EXERCISE AIM — Copy each line below that includes "Tile".

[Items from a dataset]
··········

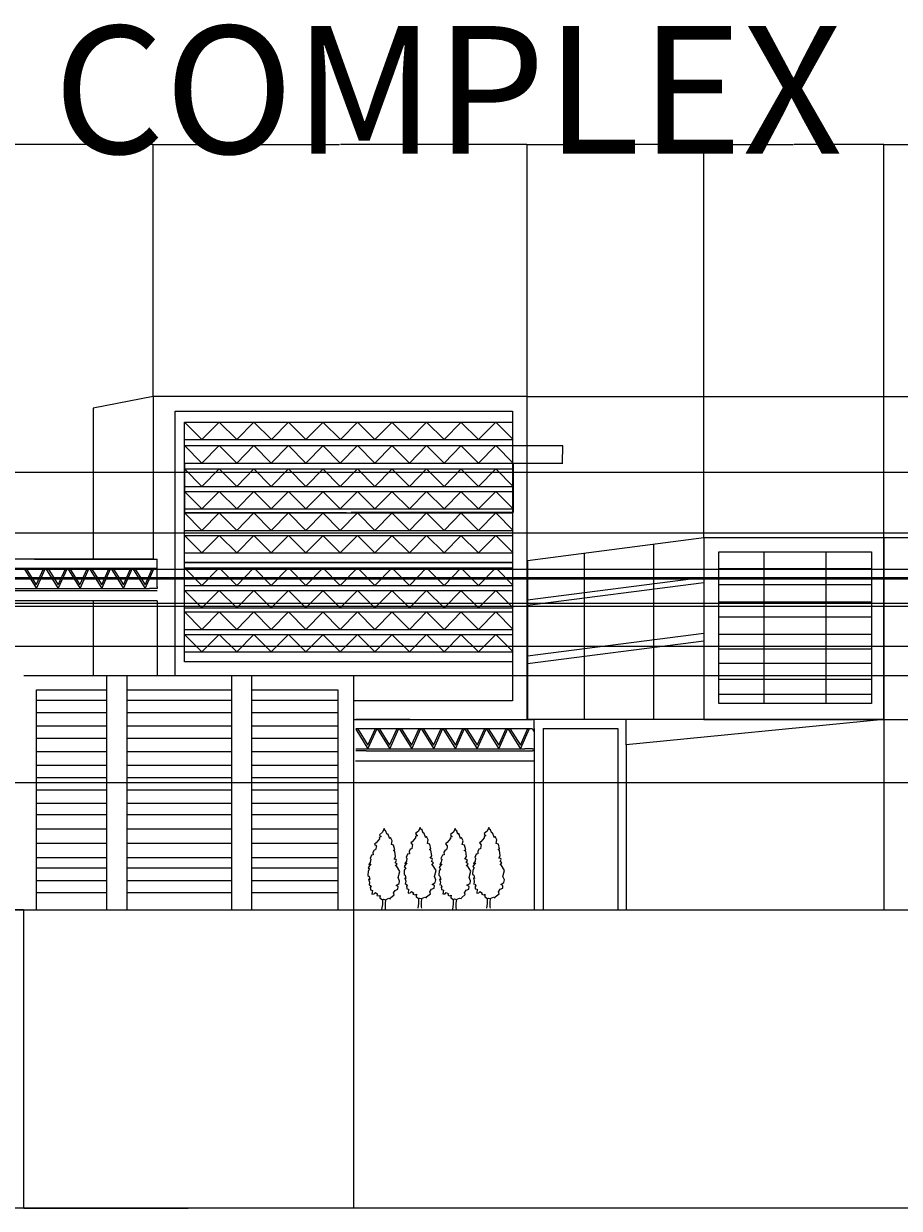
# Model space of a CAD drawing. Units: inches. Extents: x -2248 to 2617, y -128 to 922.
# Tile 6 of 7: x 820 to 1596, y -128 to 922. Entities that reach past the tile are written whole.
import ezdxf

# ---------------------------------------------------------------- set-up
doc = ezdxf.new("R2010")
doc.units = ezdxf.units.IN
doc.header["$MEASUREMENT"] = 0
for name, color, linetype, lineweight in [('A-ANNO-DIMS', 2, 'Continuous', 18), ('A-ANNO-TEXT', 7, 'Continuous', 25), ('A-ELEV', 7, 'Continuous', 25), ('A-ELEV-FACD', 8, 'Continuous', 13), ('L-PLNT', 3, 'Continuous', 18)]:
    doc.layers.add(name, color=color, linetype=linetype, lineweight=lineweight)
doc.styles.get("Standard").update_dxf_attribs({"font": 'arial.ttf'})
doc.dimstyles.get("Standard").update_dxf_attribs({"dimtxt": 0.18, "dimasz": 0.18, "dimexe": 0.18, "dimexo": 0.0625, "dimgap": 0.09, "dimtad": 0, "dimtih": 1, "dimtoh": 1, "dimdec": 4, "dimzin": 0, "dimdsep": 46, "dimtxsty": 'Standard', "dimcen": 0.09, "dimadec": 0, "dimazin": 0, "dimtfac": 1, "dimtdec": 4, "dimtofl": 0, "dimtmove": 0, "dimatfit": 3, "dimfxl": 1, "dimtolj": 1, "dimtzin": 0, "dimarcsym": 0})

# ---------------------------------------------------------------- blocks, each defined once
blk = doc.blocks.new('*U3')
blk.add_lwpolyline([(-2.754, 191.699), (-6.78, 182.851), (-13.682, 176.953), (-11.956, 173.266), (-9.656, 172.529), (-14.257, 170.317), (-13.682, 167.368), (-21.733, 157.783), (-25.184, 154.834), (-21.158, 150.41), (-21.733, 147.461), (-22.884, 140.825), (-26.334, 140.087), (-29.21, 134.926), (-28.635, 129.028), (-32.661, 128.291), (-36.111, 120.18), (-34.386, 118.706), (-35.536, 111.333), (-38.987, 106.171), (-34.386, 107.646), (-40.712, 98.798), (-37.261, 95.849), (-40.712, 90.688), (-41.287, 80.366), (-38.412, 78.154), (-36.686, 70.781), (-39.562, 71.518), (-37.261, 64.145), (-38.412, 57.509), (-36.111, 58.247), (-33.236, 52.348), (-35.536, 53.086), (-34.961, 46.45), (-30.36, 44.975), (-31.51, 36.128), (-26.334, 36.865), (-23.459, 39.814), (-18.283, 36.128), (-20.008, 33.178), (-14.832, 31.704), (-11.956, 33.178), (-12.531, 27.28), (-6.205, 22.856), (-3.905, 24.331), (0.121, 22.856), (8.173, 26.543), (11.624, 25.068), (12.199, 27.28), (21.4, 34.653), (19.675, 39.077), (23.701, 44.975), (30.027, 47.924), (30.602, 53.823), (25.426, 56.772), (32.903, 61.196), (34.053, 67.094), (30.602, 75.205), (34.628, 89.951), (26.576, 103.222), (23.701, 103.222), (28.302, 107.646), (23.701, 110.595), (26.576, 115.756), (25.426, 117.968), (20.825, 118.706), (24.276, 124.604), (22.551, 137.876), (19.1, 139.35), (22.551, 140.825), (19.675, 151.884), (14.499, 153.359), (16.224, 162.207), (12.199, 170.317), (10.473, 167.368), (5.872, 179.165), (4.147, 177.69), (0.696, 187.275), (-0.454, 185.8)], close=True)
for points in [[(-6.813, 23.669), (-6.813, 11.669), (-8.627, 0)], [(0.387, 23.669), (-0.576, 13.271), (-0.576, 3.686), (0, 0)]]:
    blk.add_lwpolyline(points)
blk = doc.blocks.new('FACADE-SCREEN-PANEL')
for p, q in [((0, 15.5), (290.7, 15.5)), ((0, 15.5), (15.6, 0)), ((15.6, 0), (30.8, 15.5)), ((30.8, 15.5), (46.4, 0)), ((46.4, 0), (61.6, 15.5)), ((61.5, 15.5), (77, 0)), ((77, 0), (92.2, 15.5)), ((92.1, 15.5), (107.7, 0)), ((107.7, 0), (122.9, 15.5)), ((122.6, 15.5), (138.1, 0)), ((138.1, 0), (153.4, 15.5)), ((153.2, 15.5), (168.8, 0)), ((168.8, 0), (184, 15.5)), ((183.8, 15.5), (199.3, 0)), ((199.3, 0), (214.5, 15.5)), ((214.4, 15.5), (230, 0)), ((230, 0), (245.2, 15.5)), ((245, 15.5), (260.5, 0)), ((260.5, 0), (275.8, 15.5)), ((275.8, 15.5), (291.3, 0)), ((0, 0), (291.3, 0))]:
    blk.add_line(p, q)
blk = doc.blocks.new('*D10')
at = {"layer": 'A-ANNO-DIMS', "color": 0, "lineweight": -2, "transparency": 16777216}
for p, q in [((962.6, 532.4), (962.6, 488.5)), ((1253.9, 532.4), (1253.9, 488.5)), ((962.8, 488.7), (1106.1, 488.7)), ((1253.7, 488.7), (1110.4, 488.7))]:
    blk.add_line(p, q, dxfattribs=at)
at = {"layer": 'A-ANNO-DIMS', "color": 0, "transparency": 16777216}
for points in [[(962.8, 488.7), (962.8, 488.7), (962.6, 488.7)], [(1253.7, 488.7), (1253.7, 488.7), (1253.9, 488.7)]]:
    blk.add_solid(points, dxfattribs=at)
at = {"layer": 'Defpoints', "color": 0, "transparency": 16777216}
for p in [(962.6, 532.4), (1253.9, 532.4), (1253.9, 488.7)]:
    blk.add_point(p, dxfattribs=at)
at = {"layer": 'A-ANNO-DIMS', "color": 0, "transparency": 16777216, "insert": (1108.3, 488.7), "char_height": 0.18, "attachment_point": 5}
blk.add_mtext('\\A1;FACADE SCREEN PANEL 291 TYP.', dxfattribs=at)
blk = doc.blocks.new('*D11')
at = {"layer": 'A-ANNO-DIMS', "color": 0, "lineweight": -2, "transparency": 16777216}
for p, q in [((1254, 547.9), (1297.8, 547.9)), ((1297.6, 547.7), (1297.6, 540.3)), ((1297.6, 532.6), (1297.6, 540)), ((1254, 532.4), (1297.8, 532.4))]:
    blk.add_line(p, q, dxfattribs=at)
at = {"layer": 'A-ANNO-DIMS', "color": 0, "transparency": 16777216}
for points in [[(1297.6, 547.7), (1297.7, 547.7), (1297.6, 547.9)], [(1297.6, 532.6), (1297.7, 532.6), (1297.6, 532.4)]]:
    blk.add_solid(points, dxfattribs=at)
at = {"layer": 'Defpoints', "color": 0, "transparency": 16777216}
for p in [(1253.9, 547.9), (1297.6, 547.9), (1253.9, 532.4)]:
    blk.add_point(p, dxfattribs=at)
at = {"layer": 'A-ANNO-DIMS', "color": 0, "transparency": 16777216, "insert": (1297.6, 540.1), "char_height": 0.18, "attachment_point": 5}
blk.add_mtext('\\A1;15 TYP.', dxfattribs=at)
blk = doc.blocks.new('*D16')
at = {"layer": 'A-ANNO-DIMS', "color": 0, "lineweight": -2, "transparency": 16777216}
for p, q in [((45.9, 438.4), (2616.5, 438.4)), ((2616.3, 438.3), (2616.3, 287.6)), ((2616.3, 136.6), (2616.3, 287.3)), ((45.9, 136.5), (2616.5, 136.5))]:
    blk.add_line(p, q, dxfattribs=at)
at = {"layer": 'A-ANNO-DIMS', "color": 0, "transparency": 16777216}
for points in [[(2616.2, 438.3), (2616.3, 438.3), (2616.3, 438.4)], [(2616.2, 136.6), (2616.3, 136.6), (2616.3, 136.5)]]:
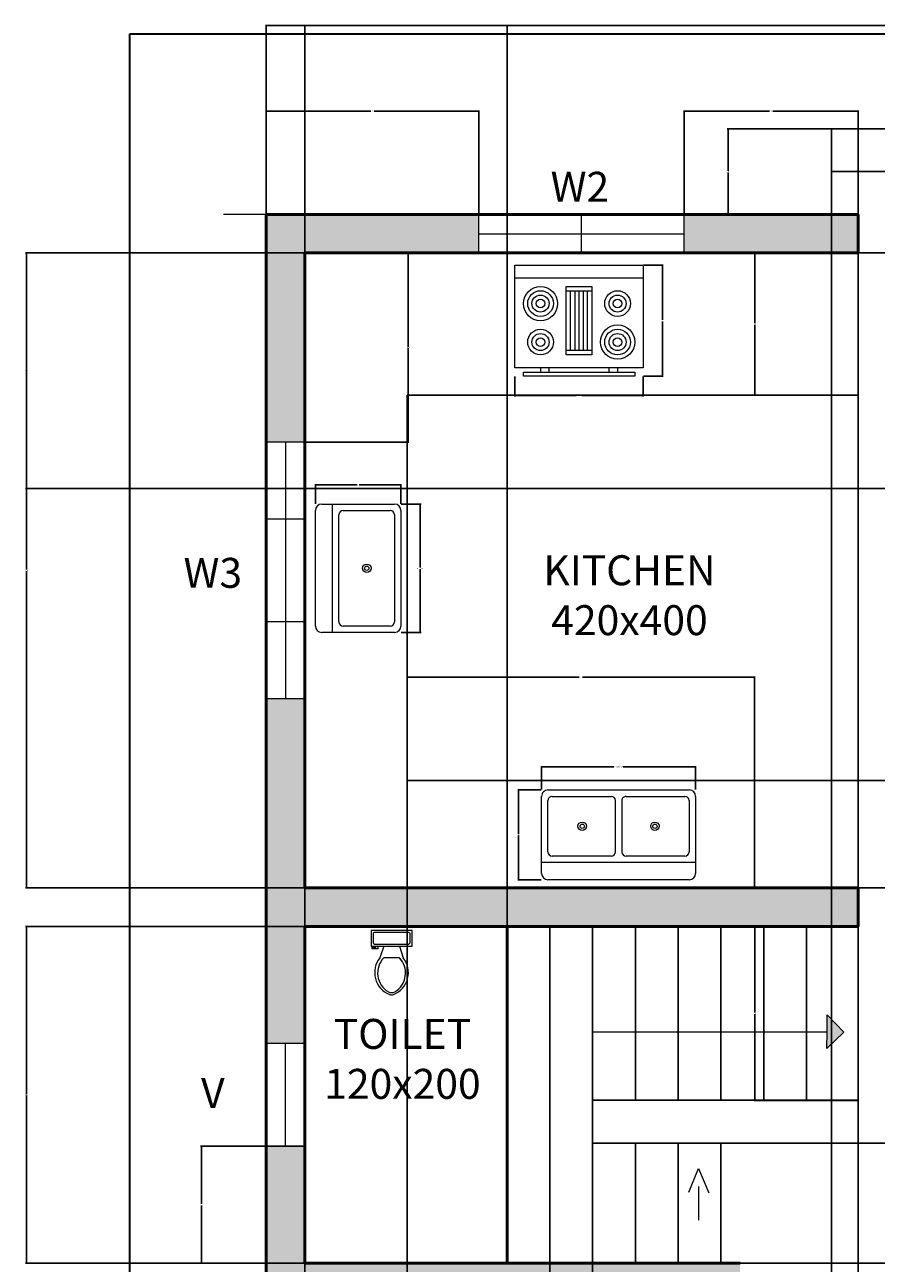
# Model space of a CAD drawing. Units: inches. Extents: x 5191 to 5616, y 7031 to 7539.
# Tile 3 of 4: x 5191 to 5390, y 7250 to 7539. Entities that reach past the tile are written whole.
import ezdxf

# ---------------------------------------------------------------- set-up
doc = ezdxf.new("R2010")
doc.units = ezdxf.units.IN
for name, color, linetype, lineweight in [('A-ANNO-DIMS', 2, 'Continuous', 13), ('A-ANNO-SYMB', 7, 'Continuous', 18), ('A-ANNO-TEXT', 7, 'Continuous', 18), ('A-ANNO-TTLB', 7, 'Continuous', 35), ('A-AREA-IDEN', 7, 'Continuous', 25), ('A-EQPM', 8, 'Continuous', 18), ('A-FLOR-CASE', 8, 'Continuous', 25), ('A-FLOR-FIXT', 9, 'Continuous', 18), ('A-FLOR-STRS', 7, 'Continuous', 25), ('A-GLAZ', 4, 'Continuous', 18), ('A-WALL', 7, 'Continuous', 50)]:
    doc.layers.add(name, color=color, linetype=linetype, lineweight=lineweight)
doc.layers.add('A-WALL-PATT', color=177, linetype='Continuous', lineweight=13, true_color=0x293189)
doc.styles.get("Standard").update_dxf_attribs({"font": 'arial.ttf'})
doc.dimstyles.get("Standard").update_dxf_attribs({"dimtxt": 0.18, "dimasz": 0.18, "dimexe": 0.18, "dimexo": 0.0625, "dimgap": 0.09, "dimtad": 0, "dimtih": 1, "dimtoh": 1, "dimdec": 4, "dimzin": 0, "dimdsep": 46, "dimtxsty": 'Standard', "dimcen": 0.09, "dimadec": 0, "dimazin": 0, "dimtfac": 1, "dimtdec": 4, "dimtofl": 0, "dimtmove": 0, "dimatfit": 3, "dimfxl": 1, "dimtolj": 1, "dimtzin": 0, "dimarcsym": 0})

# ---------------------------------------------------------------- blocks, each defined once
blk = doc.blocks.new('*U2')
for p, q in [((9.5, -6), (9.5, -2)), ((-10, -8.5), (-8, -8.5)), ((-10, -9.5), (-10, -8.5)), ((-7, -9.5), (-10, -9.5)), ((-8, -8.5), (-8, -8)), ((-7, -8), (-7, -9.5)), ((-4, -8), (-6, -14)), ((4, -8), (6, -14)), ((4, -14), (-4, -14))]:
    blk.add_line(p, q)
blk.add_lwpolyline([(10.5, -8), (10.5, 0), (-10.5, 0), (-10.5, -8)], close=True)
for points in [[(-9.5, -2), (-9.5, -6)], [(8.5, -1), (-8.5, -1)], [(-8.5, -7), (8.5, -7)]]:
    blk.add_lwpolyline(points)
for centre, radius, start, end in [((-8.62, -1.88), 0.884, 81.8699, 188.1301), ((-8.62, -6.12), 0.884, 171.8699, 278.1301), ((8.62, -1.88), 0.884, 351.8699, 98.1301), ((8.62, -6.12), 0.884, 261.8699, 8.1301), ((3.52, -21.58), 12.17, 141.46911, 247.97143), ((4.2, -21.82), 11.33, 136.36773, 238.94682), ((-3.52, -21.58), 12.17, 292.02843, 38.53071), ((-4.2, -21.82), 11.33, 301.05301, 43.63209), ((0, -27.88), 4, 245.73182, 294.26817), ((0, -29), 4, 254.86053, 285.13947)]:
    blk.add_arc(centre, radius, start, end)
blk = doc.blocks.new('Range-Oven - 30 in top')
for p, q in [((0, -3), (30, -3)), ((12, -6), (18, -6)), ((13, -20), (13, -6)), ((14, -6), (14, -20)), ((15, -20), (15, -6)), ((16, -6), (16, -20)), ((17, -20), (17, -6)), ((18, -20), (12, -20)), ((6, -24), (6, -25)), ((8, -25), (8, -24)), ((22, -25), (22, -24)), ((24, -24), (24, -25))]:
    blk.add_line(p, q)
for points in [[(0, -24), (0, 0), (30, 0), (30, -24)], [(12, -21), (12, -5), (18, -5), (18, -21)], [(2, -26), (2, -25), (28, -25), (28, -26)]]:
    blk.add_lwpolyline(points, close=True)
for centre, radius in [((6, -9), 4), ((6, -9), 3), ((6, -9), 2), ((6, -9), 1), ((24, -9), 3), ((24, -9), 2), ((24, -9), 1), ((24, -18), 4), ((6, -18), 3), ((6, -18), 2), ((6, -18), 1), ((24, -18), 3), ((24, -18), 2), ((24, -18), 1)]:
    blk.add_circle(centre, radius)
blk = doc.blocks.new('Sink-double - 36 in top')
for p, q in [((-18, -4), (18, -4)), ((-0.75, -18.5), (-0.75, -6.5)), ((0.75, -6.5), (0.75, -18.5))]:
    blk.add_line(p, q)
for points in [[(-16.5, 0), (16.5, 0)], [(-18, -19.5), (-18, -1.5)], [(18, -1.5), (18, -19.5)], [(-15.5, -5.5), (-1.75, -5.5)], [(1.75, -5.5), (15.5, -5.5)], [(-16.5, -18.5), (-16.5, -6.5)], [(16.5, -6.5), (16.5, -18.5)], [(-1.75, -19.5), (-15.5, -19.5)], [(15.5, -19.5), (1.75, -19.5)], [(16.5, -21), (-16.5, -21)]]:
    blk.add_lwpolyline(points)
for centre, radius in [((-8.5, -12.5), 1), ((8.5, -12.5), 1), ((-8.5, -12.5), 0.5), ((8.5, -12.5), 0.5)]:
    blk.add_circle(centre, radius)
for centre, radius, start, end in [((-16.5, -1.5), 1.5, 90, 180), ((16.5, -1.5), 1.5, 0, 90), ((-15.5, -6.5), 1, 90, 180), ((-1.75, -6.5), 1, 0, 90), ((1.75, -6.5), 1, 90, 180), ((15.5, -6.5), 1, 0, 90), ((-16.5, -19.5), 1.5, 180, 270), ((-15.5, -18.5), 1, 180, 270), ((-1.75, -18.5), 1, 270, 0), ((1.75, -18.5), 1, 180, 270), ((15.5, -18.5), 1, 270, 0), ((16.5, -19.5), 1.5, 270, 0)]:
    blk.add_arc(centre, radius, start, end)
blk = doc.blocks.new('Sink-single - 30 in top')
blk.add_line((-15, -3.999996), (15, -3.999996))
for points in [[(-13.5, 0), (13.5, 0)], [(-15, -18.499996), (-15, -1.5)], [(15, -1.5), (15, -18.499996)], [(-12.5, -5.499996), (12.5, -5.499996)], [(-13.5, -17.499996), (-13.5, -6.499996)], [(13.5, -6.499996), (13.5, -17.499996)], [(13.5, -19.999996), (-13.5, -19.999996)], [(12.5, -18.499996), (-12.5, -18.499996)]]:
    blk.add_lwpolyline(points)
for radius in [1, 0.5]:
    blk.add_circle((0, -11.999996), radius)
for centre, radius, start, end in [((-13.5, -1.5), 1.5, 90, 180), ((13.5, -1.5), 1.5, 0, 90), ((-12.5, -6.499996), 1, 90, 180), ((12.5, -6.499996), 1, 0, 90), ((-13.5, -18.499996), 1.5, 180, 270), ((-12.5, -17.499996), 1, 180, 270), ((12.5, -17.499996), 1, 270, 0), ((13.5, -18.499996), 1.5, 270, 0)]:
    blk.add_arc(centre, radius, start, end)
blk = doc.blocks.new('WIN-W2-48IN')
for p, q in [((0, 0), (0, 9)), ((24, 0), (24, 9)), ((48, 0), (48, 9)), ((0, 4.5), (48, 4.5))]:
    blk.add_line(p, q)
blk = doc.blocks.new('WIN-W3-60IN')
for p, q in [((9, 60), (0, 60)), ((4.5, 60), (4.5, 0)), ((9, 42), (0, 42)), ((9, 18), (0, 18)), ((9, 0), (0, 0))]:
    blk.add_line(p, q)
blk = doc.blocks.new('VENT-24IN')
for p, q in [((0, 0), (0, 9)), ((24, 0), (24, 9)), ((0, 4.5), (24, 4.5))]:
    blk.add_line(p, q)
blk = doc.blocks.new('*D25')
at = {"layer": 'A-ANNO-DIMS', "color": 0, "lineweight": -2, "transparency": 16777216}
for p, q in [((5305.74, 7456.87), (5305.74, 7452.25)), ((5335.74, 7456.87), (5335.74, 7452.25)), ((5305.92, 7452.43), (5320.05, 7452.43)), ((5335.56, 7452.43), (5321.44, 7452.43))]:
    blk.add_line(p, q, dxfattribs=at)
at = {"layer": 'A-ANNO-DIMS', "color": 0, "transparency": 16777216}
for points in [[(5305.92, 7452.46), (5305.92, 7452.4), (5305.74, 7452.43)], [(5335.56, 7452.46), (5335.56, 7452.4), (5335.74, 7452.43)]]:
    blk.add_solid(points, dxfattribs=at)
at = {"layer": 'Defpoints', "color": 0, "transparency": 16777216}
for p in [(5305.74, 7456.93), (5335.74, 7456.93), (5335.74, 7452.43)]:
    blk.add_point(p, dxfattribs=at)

··········

ANSWER FOR THIS EXERCISE —
# Tile 6 of 7: x 820 to 1596, y -128 to 922. Entities that reach past the tile are written whole.
# Tile 3 of 4: x 5191 to 5390, y 7250 to 7539. Entities that reach past the tile are written whole.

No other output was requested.